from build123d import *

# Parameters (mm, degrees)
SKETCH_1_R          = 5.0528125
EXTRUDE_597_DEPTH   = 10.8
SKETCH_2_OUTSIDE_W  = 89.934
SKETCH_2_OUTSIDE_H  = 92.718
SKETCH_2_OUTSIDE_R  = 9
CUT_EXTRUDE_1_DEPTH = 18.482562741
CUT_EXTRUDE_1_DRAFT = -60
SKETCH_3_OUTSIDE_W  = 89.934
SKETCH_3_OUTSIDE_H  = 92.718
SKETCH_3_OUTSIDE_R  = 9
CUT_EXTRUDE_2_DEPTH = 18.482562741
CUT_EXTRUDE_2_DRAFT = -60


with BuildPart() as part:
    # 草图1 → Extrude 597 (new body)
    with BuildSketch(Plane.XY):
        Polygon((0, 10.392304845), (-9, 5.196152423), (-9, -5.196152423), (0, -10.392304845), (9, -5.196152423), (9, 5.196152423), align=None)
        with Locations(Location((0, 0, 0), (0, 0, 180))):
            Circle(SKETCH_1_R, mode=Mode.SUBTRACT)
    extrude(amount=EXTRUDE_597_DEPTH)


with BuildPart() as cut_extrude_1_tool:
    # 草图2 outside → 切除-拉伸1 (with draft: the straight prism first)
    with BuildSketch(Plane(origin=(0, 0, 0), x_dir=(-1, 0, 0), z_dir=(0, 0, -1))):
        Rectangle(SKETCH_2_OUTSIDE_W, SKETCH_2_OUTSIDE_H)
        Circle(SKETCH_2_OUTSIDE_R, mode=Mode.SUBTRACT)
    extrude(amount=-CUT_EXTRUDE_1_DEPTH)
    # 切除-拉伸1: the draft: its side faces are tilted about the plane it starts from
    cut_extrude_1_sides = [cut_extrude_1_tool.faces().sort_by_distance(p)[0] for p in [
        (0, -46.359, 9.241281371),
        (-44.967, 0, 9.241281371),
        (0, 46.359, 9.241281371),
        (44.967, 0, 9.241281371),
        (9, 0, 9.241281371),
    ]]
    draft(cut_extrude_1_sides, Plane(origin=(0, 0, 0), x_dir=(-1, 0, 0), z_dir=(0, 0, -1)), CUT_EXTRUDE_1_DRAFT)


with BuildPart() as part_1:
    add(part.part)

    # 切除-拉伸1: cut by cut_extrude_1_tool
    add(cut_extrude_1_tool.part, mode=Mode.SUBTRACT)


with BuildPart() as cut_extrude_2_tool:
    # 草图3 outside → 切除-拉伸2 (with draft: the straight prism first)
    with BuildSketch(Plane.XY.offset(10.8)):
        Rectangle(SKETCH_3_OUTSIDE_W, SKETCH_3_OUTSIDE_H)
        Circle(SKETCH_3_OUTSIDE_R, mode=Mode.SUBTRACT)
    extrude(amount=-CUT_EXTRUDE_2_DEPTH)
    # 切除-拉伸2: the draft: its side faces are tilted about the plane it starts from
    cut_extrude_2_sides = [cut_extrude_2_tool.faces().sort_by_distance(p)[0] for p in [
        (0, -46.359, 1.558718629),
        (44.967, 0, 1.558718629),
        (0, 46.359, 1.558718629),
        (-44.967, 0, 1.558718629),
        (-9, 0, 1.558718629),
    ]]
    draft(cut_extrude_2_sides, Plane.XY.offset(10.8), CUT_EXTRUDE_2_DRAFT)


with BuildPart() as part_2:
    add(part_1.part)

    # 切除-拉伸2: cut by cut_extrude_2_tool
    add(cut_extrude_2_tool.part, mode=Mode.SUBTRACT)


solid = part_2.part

==================================================

▸ **DESCRIPTION OF THE TASK**
Pull every line containing "with" from the entries above and copy it.

▸ **RESPONSE TO THIS EXERCISE**
with BuildPart() as part:
    with BuildSketch(Plane.XY):
        with Locations(Location((0, 0, 0), (0, 0, 180))):
with BuildPart() as cut_extrude_1_tool:
    # 草图2 outside → 切除-拉伸1 (with draft: the straight prism first)
    with BuildSketch(Plane(origin=(0, 0, 0), x_dir=(-1, 0, 0), z_dir=(0, 0, -1))):
with BuildPart() as part_1:
with BuildPart() as cut_extrude_2_tool:
    # 草图3 outside → 切除-拉伸2 (with draft: the straight prism first)
    with BuildSketch(Plane.XY.offset(10.8)):
with BuildPart() as part_2:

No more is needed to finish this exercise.